→ **Items from a dataset**:
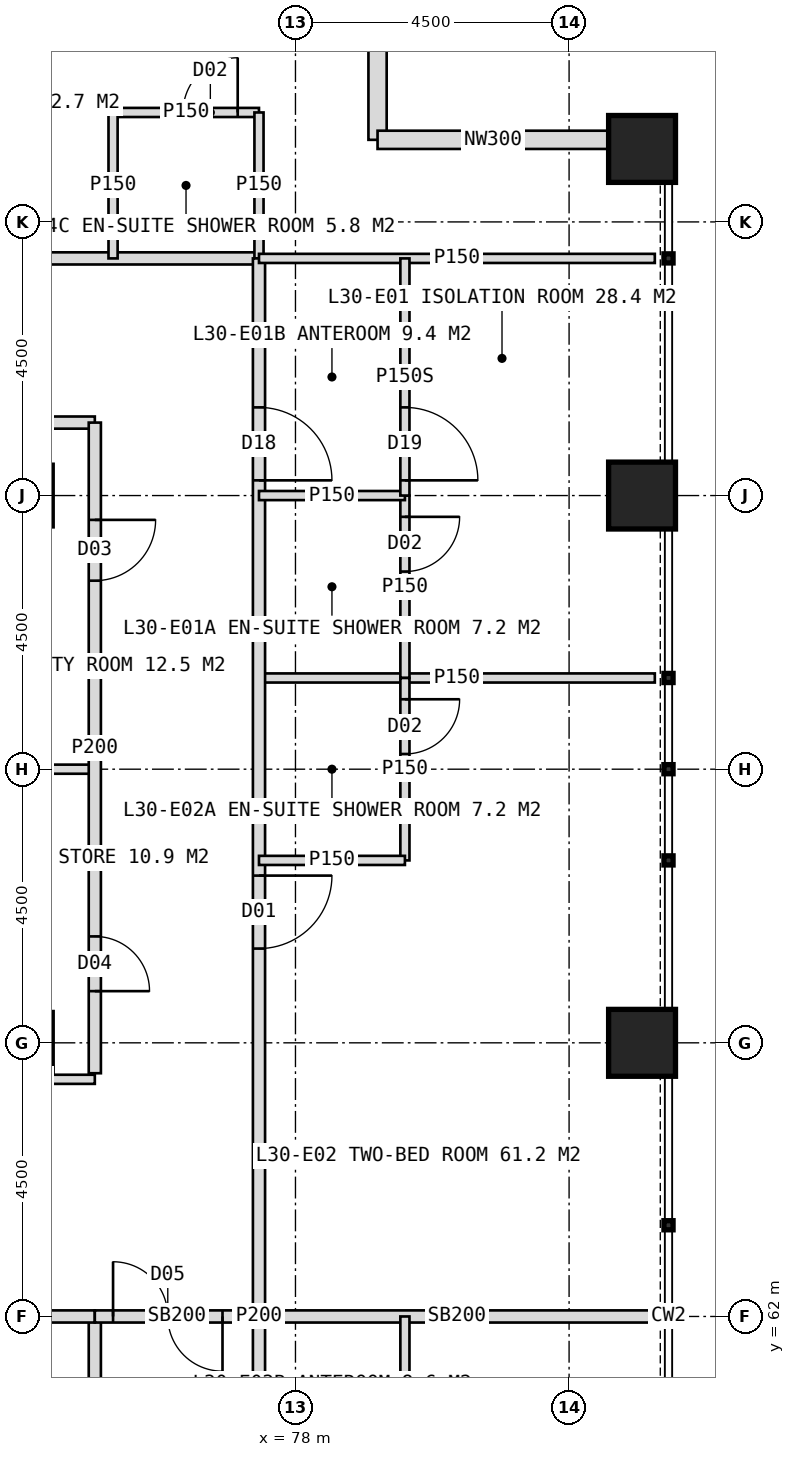
"""IFC4 building model, lengths in metres.
Left out: names, types, materials, properties, quantities, classifications, styles, units other than length and angle.
Written with IfcOpenShell. Run it as: python <this file> out.ifc"""

import sys

from ifc_helpers import new_model, si_unit, direction, frame, frame_2d, origin, origin_2d, place, context, subcontext, project, spatial, rectangle, hollow_rectangle, extrude, element, fill, save


model = new_model("IFC4")
c1 = context("Model", 3, precision=1e-05, world=origin(), true_north=direction((0.0, 1.0)))
c2 = subcontext(c1, "Body", "Model", "MODEL_VIEW")
j1 = project(units=[si_unit("LENGTHUNIT", "METRE"), si_unit("PLANEANGLEUNIT", "RADIAN")], contexts=[c1])
p1 = place(None, origin())
s1 = spatial("IfcSite", under=j1, at=p1, CompositionType="ELEMENT")
p2 = place(p1, origin())
s2 = spatial("IfcBuilding", under=s1, at=p2, CompositionType="ELEMENT")
p3 = place(p2, frame((0.0, 0.0, 128.0)))
s3 = spatial("IfcBuildingStorey", under=s2, at=p3, CompositionType="ELEMENT", Elevation=128.0)
for number, where, z_axis, x_axis in (
    (1, (83.7, 66.5, 0.0), (0.0, 0.0, 1.0), (1.0, 0.0, 0.0)),
    (2, (83.7, 75.5, 0.0), (0.0, 0.0, 1.0), (1.0, 0.0, 0.0)),
    (3, (83.7, 81.2, 0.0), (0.0, 0.0, 1.0), (1.0, 0.0, 0.0)),
):
    element("IfcColumn", number, at=place(p3, frame(where, z_axis=z_axis, x_axis=x_axis)), inside=s3, PredefinedType="COLUMN", context=c2, shape_type="SweptSolid", body=[
        extrude(hollow_rectangle(XDim=1.1, YDim=1.1, WallThickness=0.1, at=origin_2d()), origin(), (0.0, 0.0, 1.0), 4.0),
    ])
for number, where, z_axis, x_axis in (
    (4, (79.35, 85.15, 0.0), (0.0, 0.0, 1.0), (0.0, -1.0, 0.0)),
    (5, (79.35, 81.35, 0.0), (0.0, 0.0, 1.0), (1.0, 0.0, 0.0)),
):
    element("IfcWall", number, at=place(p3, frame(where, z_axis=z_axis, x_axis=x_axis)), inside=s3, PredefinedType="ELEMENTEDWALL", context=c2, shape_type="SweptSolid", body=[
        extrude(rectangle(XDim=3.8, YDim=0.3, at=frame_2d((1.9, 0.0))), origin(), (0.0, 0.0, 1.0), 4.0),
    ])
p4 = place(p3, frame((42.6, 79.4, 0.0), z_axis=(0.0, 0.0, 1.0), x_axis=(1.0, 0.0, 0.0)))
e6 = element("IfcWall", 6, at=p4, inside=s3, PredefinedType="PARTITIONING", context=c2, shape_type="SweptSolid", body=[
    extrude(rectangle(XDim=34.8, YDim=0.2, at=frame_2d((17.4, 0.0))), origin(), (0.0, 0.0, 1.0), 3.75),
])
p5 = place(p4, frame((2.45, 0.0, 0.0)))
e7 = element("IfcOpeningElement", 7, at=p5, cuts=e6, PredefinedType="OPENING", context=c2, shape_type="SweptSolid", body=[
    extrude(rectangle(XDim=1.2, YDim=2.2, at=frame_2d((0.6, 1.1))), frame((0.0, 0.11, 0.0), z_axis=(0.0, -1.0, 0.0), x_axis=(1.0, 0.0, 0.0)), (0.0, 0.0, 1.0), 0.22),
])
p6 = place(p4, frame((10.15, 0.0, 0.0)))
e8 = element("IfcOpeningElement", 8, at=p6, cuts=e6, PredefinedType="OPENING", context=c2, shape_type="SweptSolid", body=[
    extrude(rectangle(XDim=1.2, YDim=2.2, at=frame_2d((0.6, 1.1))), frame((0.0, 0.11, 0.0), z_axis=(0.0, -1.0, 0.0), x_axis=(1.0, 0.0, 0.0)), (0.0, 0.0, 1.0), 0.22),
])
p7 = place(p4, frame((19.8, 0.0, 0.0)))
e9 = element("IfcOpeningElement", 9, at=p7, cuts=e6, PredefinedType="OPENING", context=c2, shape_type="SweptSolid", body=[
    extrude(rectangle(XDim=1.2, YDim=2.2, at=frame_2d((0.6, 1.1))), frame((0.0, 0.11, 0.0), z_axis=(0.0, -1.0, 0.0), x_axis=(1.0, 0.0, 0.0)), (0.0, 0.0, 1.0), 0.22),
])
p8 = place(p4, frame((27.55, 0.0, 0.0)))
e10 = element("IfcOpeningElement", 10, at=p8, cuts=e6, PredefinedType="OPENING", context=c2, shape_type="SweptSolid", body=[
    extrude(rectangle(XDim=1.2, YDim=2.2, at=frame_2d((0.6, 1.1))), frame((0.0, 0.11, 0.0), z_axis=(0.0, -1.0, 0.0), x_axis=(1.0, 0.0, 0.0)), (0.0, 0.0, 1.0), 0.22),
])
p9 = place(p3, frame((75.0, 81.8, 0.0), z_axis=(0.0, 0.0, 1.0), x_axis=(1.0, 0.0, 0.0)))
e11 = element("IfcWall", 11, at=p9, inside=s3, PredefinedType="PARTITIONING", context=c2, shape_type="SweptSolid", body=[
    extrude(rectangle(XDim=2.4, YDim=0.15, at=frame_2d((1.2, 0.0))), origin(), (0.0, 0.0, 1.0), 3.75),
])
p10 = place(p9, frame((1.15, 0.0, 0.0)))
e12 = element("IfcOpeningElement", 12, at=p10, cuts=e11, PredefinedType="OPENING", context=c2, shape_type="SweptSolid", body=[
    extrude(rectangle(XDim=0.9, YDim=2.1, at=frame_2d((0.45, 1.05))), frame((0.0, 0.085, 0.0), z_axis=(0.0, -1.0, 0.0), x_axis=(1.0, 0.0, 0.0)), (0.0, 0.0, 1.0), 0.17),
])
for number, where, z_axis, x_axis in (
    (13, (75.0, 79.4, 0.0), (0.0, 0.0, 1.0), (0.0, 1.0, 0.0)),
    (14, (77.4, 79.4, 0.0), (0.0, 0.0, 1.0), (0.0, 1.0, 0.0)),
):
    element("IfcWall", number, at=place(p3, frame(where, z_axis=z_axis, x_axis=x_axis)), inside=s3, PredefinedType="PARTITIONING", context=c2, shape_type="SweptSolid", body=[
        extrude(rectangle(XDim=2.4, YDim=0.15, at=frame_2d((1.2, 0.0))), origin(), (0.0, 0.0, 1.0), 3.75),
    ])
p11 = place(p3, frame((72.5, 76.7, 0.0), z_axis=(0.0, 0.0, 1.0), x_axis=(1.0, 0.0, 0.0)))
e15 = element("IfcWall", 15, at=p11, inside=s3, PredefinedType="PARTITIONING", context=c2, shape_type="SweptSolid", body=[
    extrude(rectangle(XDim=2.2, YDim=0.2, at=frame_2d((1.1, 0.0))), origin(), (0.0, 0.0, 1.0), 3.75),
])
p12 = place(p3, frame((77.4, 72.5, 0.0), z_axis=(0.0, 0.0, 1.0), x_axis=(1.0, 0.0, 0.0)))
e16 = element("IfcWall", 16, at=p12, inside=s3, PredefinedType="PARTITIONING", context=c2, shape_type="SweptSolid", body=[
    extrude(rectangle(XDim=6.51, YDim=0.15, at=frame_2d((3.255, 0.0))), origin(), (0.0, 0.0, 1.0), 3.75),
])
p13 = place(p3, frame((77.4, 62.0, 0.0), z_axis=(0.0, 0.0, 1.0), x_axis=(1.0, 0.0, 0.0)))
e17 = element("IfcWall", 17, at=p13, inside=s3, PredefinedType="SOLIDWALL", context=c2, shape_type="SweptSolid", body=[
    extrude(rectangle(XDim=6.51, YDim=0.2, at=frame_2d((3.255, 0.0))), origin(), (0.0, 0.0, 1.0), 2.95),
])
p14 = place(p3, frame((77.4, 79.4, 0.0), z_axis=(0.0, 0.0, 1.0), x_axis=(0.0, -1.0, 0.0)))
e18 = element("IfcWall", 18, at=p14, inside=s3, PredefinedType="PARTITIONING", context=c2, shape_type="SweptSolid", body=[
    extrude(rectangle(XDim=34.8, YDim=0.2, at=frame_2d((17.4, 0.0))), origin(), (0.0, 0.0, 1.0), 3.75),
])
p15 = place(p14, frame((2.45, 0.0, 0.0)))
e19 = element("IfcOpeningElement", 19, at=p15, cuts=e18, PredefinedType="OPENING", context=c2, shape_type="SweptSolid", body=[
    extrude(rectangle(XDim=1.2, YDim=2.2, at=frame_2d((0.6, 1.1))), frame((0.0, 0.11, 0.0), z_axis=(0.0, -1.0, 0.0), x_axis=(1.0, 0.0, 0.0)), (0.0, 0.0, 1.0), 0.22),
])
p16 = place(p14, frame((10.15, 0.0, 0.0)))
e20 = element("IfcOpeningElement", 20, at=p16, cuts=e18, PredefinedType="OPENING", context=c2, shape_type="SweptSolid", body=[
    extrude(rectangle(XDim=1.2, YDim=2.2, at=frame_2d((0.6, 1.1))), frame((0.0, 0.11, 0.0), z_axis=(0.0, -1.0, 0.0), x_axis=(1.0, 0.0, 0.0)), (0.0, 0.0, 1.0), 0.22),
])
p17 = place(p14, frame((19.55, 0.0, 0.0)))
e21 = element("IfcOpeningElement", 21, at=p17, cuts=e18, PredefinedType="OPENING", context=c2, shape_type="SweptSolid", body=[
    extrude(rectangle(XDim=1.2, YDim=2.2, at=frame_2d((0.6, 1.1))), frame((0.0, 0.11, 0.0), z_axis=(0.0, -1.0, 0.0), x_axis=(1.0, 0.0, 0.0)), (0.0, 0.0, 1.0), 0.22),
])
p18 = place(p14, frame((26.05, 0.0, 0.0)))
e22 = element("IfcOpeningElement", 22, at=p18, cuts=e18, PredefinedType="OPENING", context=c2, shape_type="SweptSolid", body=[
    extrude(rectangle(XDim=1.2, YDim=2.2, at=frame_2d((0.6, 1.1))), frame((0.0, 0.11, 0.0), z_axis=(0.0, -1.0, 0.0), x_axis=(1.0, 0.0, 0.0)), (0.0, 0.0, 1.0), 0.22),
])
p19 = place(p3, frame((77.4, 79.4, 0.0), z_axis=(0.0, 0.0, 1.0), x_axis=(1.0, 0.0, 0.0)))
e23 = element("IfcWall", 23, at=p19, inside=s3, PredefinedType="PARTITIONING", context=c2, shape_type="SweptSolid", body=[
    extrude(rectangle(XDim=6.51, YDim=0.15, at=frame_2d((3.255, 0.0))), origin(), (0.0, 0.0, 1.0), 3.75),
])
p20 = place(p3, frame((79.8, 75.5, 0.0), z_axis=(0.0, 0.0, 1.0), x_axis=(0.0, -1.0, 0.0)))
e24 = element("IfcWall", 24, at=p20, inside=s3, PredefinedType="PARTITIONING", context=c2, shape_type="SweptSolid", body=[
    extrude(rectangle(XDim=3.0, YDim=0.15, at=frame_2d((1.5, 0.0))), origin(), (0.0, 0.0, 1.0), 3.75),
])
p21 = place(p20, frame((0.35, 0.0, 0.0)))
e25 = element("IfcOpeningElement", 25, at=p21, cuts=e24, PredefinedType="OPENING", context=c2, shape_type="SweptSolid", body=[
    extrude(rectangle(XDim=0.9, YDim=2.1, at=frame_2d((0.45, 1.05))), frame((0.0, 0.085, 0.0), z_axis=(0.0, -1.0, 0.0), x_axis=(1.0, 0.0, 0.0)), (0.0, 0.0, 1.0), 0.17),
])
p22 = place(p3, frame((77.4, 75.5, 0.0), z_axis=(0.0, 0.0, 1.0), x_axis=(1.0, 0.0, 0.0)))
e26 = element("IfcWall", 26, at=p22, inside=s3, PredefinedType="PARTITIONING", context=c2, shape_type="SweptSolid", body=[
    extrude(rectangle(XDim=2.4, YDim=0.15, at=frame_2d((1.2, 0.0))), origin(), (0.0, 0.0, 1.0), 2.95),
])
p23 = place(p3, frame((79.8, 79.4, 0.0), z_axis=(0.0, 0.0, 1.0), x_axis=(0.0, -1.0, 0.0)))
e27 = element("IfcWall", 27, at=p23, inside=s3, PredefinedType="PARTITIONING", context=c2, shape_type="SweptSolid", body=[
    extrude(rectangle(XDim=3.9, YDim=0.15, at=frame_2d((1.95, 0.0))), origin(), (0.0, 0.0, 1.0), 3.75),
])
p24 = place(p23, frame((2.45, 0.0, 0.0)))
e28 = element("IfcOpeningElement", 28, at=p24, cuts=e27, PredefinedType="OPENING", context=c2, shape_type="SweptSolid", body=[
    extrude(rectangle(XDim=1.2, YDim=2.2, at=frame_2d((0.6, 1.1))), frame((0.0, 0.085, 0.0), z_axis=(0.0, -1.0, 0.0), x_axis=(1.0, 0.0, 0.0)), (0.0, 0.0, 1.0), 0.17),
])
p25 = place(p3, frame((79.8, 72.5, 0.0), z_axis=(0.0, 0.0, 1.0), x_axis=(0.0, -1.0, 0.0)))
e29 = element("IfcWall", 29, at=p25, inside=s3, PredefinedType="PARTITIONING", context=c2, shape_type="SweptSolid", body=[
    extrude(rectangle(XDim=3.0, YDim=0.15, at=frame_2d((1.5, 0.0))), origin(), (0.0, 0.0, 1.0), 3.75),
])
p26 = place(p25, frame((0.35, 0.0, 0.0)))
e30 = element("IfcOpeningElement", 30, at=p26, cuts=e29, PredefinedType="OPENING", context=c2, shape_type="SweptSolid", body=[
    extrude(rectangle(XDim=0.9, YDim=2.1, at=frame_2d((0.45, 1.05))), frame((0.0, 0.085, 0.0), z_axis=(0.0, -1.0, 0.0), x_axis=(1.0, 0.0, 0.0)), (0.0, 0.0, 1.0), 0.17),
])
p27 = place(p3, frame((77.4, 69.5, 0.0), z_axis=(0.0, 0.0, 1.0), x_axis=(1.0, 0.0, 0.0)))
e31 = element("IfcWall", 31, at=p27, inside=s3, PredefinedType="PARTITIONING", context=c2, shape_type="SweptSolid", body=[
    extrude(rectangle(XDim=2.4, YDim=0.15, at=frame_2d((1.2, 0.0))), origin(), (0.0, 0.0, 1.0), 3.75),
])
p28 = place(p3, frame((79.8, 62.0, 0.0), z_axis=(0.0, 0.0, 1.0), x_axis=(0.0, -1.0, 0.0)))
e32 = element("IfcWall", 32, at=p28, inside=s3, PredefinedType="PARTITIONING", context=c2, shape_type="SweptSolid", body=[
    extrude(rectangle(XDim=3.6, YDim=0.15, at=frame_2d((1.8, 0.0))), origin(), (0.0, 0.0, 1.0), 3.75),
])
p29 = place(p28, frame((2.15, 0.0, 0.0)))
e33 = element("IfcOpeningElement", 33, at=p29, cuts=e32, PredefinedType="OPENING", context=c2, shape_type="SweptSolid", body=[
    extrude(rectangle(XDim=1.2, YDim=2.2, at=frame_2d((0.6, 1.1))), frame((0.0, 0.085, 0.0), z_axis=(0.0, -1.0, 0.0), x_axis=(1.0, 0.0, 0.0)), (0.0, 0.0, 1.0), 0.17),
])
p30 = place(p3, frame((72.5, 71.0, 0.0), z_axis=(0.0, 0.0, 1.0), x_axis=(1.0, 0.0, 0.0)))
e34 = element("IfcWall", 34, at=p30, inside=s3, PredefinedType="PARTITIONING", context=c2, shape_type="SweptSolid", body=[
    extrude(rectangle(XDim=2.2, YDim=0.15, at=frame_2d((1.1, 0.0))), origin(), (0.0, 0.0, 1.0), 3.75),
])
p31 = place(p3, frame((74.7, 76.7, 0.0), z_axis=(0.0, 0.0, 1.0), x_axis=(0.0, -1.0, 0.0)))
e35 = element("IfcWall", 35, at=p31, inside=s3, PredefinedType="PARTITIONING", context=c2, shape_type="SweptSolid", body=[
    extrude(rectangle(XDim=10.7, YDim=0.2, at=frame_2d((5.35, 0.0))), origin(), (0.0, 0.0, 1.0), 3.75),
])
p32 = place(p31, frame((1.6, 0.0, 0.0)))
e36 = element("IfcOpeningElement", 36, at=p32, cuts=e35, PredefinedType="OPENING", context=c2, shape_type="SweptSolid", body=[
    extrude(rectangle(XDim=1.0, YDim=2.1, at=frame_2d((0.5, 1.05))), frame((0.0, 0.11, 0.0), z_axis=(0.0, -1.0, 0.0), x_axis=(1.0, 0.0, 0.0)), (0.0, 0.0, 1.0), 0.22),
])
p33 = place(p31, frame((8.45, 0.0, 0.0)))
e37 = element("IfcOpeningElement", 37, at=p33, cuts=e35, PredefinedType="OPENING", context=c2, shape_type="SweptSolid", body=[
    extrude(rectangle(XDim=0.9, YDim=2.1, at=frame_2d((0.45, 1.05))), frame((0.0, 0.11, 0.0), z_axis=(0.0, -1.0, 0.0), x_axis=(1.0, 0.0, 0.0)), (0.0, 0.0, 1.0), 0.22),
])
p34 = place(p3, frame((74.7, 62.0, 0.0), z_axis=(0.0, 0.0, 1.0), x_axis=(0.0, -1.0, 0.0)))
e38 = element("IfcWall", 38, at=p34, inside=s3, PredefinedType="PARTITIONING", context=c2, shape_type="SweptSolid", body=[
    extrude(rectangle(XDim=14.7, YDim=0.2, at=frame_2d((7.35, 0.0))), origin(), (0.0, 0.0, 1.0), 3.75),
])
p35 = place(p34, frame((1.45, 0.0, 0.0)))
e39 = element("IfcOpeningElement", 39, at=p35, cuts=e38, PredefinedType="OPENING", context=c2, shape_type="SweptSolid", body=[
    extrude(rectangle(XDim=1.0, YDim=2.1, at=frame_2d((0.5, 1.05))), frame((0.0, 0.11, 0.0), z_axis=(0.0, -1.0, 0.0), x_axis=(1.0, 0.0, 0.0)), (0.0, 0.0, 1.0), 0.22),
])
p36 = place(p34, frame((11.35, 0.0, 0.0)))
e40 = element("IfcOpeningElement", 40, at=p36, cuts=e38, PredefinedType="OPENING", context=c2, shape_type="SweptSolid", body=[
    extrude(rectangle(XDim=1.0, YDim=2.1, at=frame_2d((0.5, 1.05))), frame((0.0, 0.11, 0.0), z_axis=(0.0, -1.0, 0.0), x_axis=(1.0, 0.0, 0.0)), (0.0, 0.0, 1.0), 0.22),
])
p37 = place(p3, frame((72.5, 65.9, 0.0), z_axis=(0.0, 0.0, 1.0), x_axis=(1.0, 0.0, 0.0)))
e41 = element("IfcWall", 41, at=p37, inside=s3, PredefinedType="PARTITIONING", context=c2, shape_type="SweptSolid", body=[
    extrude(rectangle(XDim=2.2, YDim=0.15, at=frame_2d((1.1, 0.0))), origin(), (0.0, 0.0, 1.0), 3.75),
])
p38 = place(p3, frame((69.0, 62.0, 0.0), z_axis=(0.0, 0.0, 1.0), x_axis=(1.0, 0.0, 0.0)))
e42 = element("IfcWall", 42, at=p38, inside=s3, PredefinedType="SOLIDWALL", context=c2, shape_type="SweptSolid", body=[
    extrude(rectangle(XDim=5.7, YDim=0.2, at=frame_2d((2.85, 0.0))), origin(), (0.0, 0.0, 1.0), 2.95),
])
p39 = place(p3, frame((74.7, 62.0, 0.0), z_axis=(0.0, 0.0, 1.0), x_axis=(1.0, 0.0, 0.0)))
e43 = element("IfcWall", 43, at=p39, inside=s3, PredefinedType="SOLIDWALL", context=c2, shape_type="SweptSolid", body=[
    extrude(rectangle(XDim=2.7, YDim=0.2, at=frame_2d((1.35, 0.0))), origin(), (0.0, 0.0, 1.0), 2.95),
])
p40 = place(p39, frame((0.3, 0.0, 0.0)))
e44 = element("IfcOpeningElement", 44, at=p40, cuts=e43, PredefinedType="OPENING", context=c2, shape_type="SweptSolid", body=[
    extrude(rectangle(XDim=1.8, YDim=2.2, at=frame_2d((0.9, 1.1))), frame((0.0, 0.11, 0.0), z_axis=(0.0, -1.0, 0.0), x_axis=(1.0, 0.0, 0.0)), (0.0, 0.0, 1.0), 0.22),
])
p41 = place(p10, origin())
e45 = element("IfcDoor", 45, at=p41, inside=s3, OperationType="SINGLE_SWING_RIGHT", PredefinedType="DOOR", context=c2, shape_type="SweptSolid", body=[
    extrude(rectangle(XDim=0.9, YDim=2.1, at=frame_2d((0.45, 1.05))), frame((0.0, 0.025, 0.0), z_axis=(0.0, -1.0, 0.0), x_axis=(1.0, 0.0, 0.0)), (0.0, 0.0, 1.0), 0.05),
])
fill(e12, e45)
p42 = place(p32, origin())
e46 = element("IfcDoor", 46, at=p42, inside=s3, OperationType="SINGLE_SWING_LEFT", PredefinedType="DOOR", context=c2, shape_type="SweptSolid", body=[
    extrude(rectangle(XDim=1.0, YDim=2.1, at=frame_2d((0.5, 1.05))), frame((0.0, 0.025, 0.0), z_axis=(0.0, -1.0, 0.0), x_axis=(1.0, 0.0, 0.0)), (0.0, 0.0, 1.0), 0.05),
])
fill(e36, e46)
p43 = place(p24, origin())
e47 = element("IfcDoor", 47, at=p43, inside=s3, OperationType="SINGLE_SWING_RIGHT", PredefinedType="DOOR", context=c2, shape_type="SweptSolid", body=[
    extrude(rectangle(XDim=1.2, YDim=2.2, at=frame_2d((0.6, 1.1))), frame((0.0, 0.025, 0.0), z_axis=(0.0, -1.0, 0.0), x_axis=(1.0, 0.0, 0.0)), (0.0, 0.0, 1.0), 0.05),
])
fill(e28, e47)
p44 = place(p15, origin())
e48 = element("IfcDoor", 48, at=p44, inside=s3, OperationType="SINGLE_SWING_RIGHT", PredefinedType="DOOR", context=c2, shape_type="SweptSolid", body=[
    extrude(rectangle(XDim=1.2, YDim=2.2, at=frame_2d((0.6, 1.1))), frame((0.0, 0.025, 0.0), z_axis=(0.0, -1.0, 0.0), x_axis=(1.0, 0.0, 0.0)), (0.0, 0.0, 1.0), 0.05),
])
fill(e19, e48)
p45 = place(p21, origin())
e49 = element("IfcDoor", 49, at=p45, inside=s3, OperationType="SINGLE_SWING_LEFT", PredefinedType="DOOR", context=c2, shape_type="SweptSolid", body=[
    extrude(rectangle(XDim=0.9, YDim=2.1, at=frame_2d((0.45, 1.05))), frame((0.0, 0.025, 0.0), z_axis=(0.0, -1.0, 0.0), x_axis=(1.0, 0.0, 0.0)), (0.0, 0.0, 1.0), 0.05),
])
fill(e25, e49)
p46 = place(p16, origin())
e50 = element("IfcDoor", 50, at=p46, inside=s3, OperationType="SINGLE_SWING_LEFT", PredefinedType="DOOR", context=c2, shape_type="SweptSolid", body=[
    extrude(rectangle(XDim=1.2, YDim=2.2, at=frame_2d((0.6, 1.1))), frame((0.0, 0.025, 0.0), z_axis=(0.0, -1.0, 0.0), x_axis=(1.0, 0.0, 0.0)), (0.0, 0.0, 1.0), 0.05),
])
fill(e20, e50)
p47 = place(p26, origin())
e51 = element("IfcDoor", 51, at=p47, inside=s3, OperationType="SINGLE_SWING_LEFT", PredefinedType="DOOR", context=c2, shape_type="SweptSolid", body=[
    extrude(rectangle(XDim=0.9, YDim=2.1, at=frame_2d((0.45, 1.05))), frame((0.0, 0.025, 0.0), z_axis=(0.0, -1.0, 0.0), x_axis=(1.0, 0.0, 0.0)), (0.0, 0.0, 1.0), 0.05),
])
fill(e30, e51)
p48 = place(p33, origin())
e52 = element("IfcDoor", 52, at=p48, inside=s3, OperationType="SINGLE_SWING_RIGHT", PredefinedType="DOOR", context=c2, shape_type="SweptSolid", body=[
    extrude(rectangle(XDim=0.9, YDim=2.1, at=frame_2d((0.45, 1.05))), frame((0.0, 0.025, 0.0), z_axis=(0.0, -1.0, 0.0), x_axis=(1.0, 0.0, 0.0)), (0.0, 0.0, 1.0), 0.05),
])
fill(e37, e52)
p49 = place(p40, origin())
e53 = element("IfcDoor", 53, at=p49, inside=s3, OperationType="DOUBLE_DOOR_DOUBLE_SWING", PredefinedType="DOOR", context=c2, shape_type="SweptSolid", body=[
    extrude(rectangle(XDim=1.8, YDim=2.2, at=frame_2d((0.9, 1.1))), frame((0.0, 0.025, 0.0), z_axis=(0.0, -1.0, 0.0), x_axis=(1.0, 0.0, 0.0)), (0.0, 0.0, 1.0), 0.05),
])
fill(e44, e53)
save(model, sys.argv[1])

→ **Assignment**: Wherever a line in the data above holds "direction", copy that line.

→ **Solution below**:
from ifc_helpers import new_model, si_unit, direction, frame, frame_2d, origin, origin_2d, place, context, subcontext, project, spatial, rectangle, hollow_rectangle, extrude, element, fill, save
c1 = context("Model", 3, precision=1e-05, world=origin(), true_north=direction((0.0, 1.0)))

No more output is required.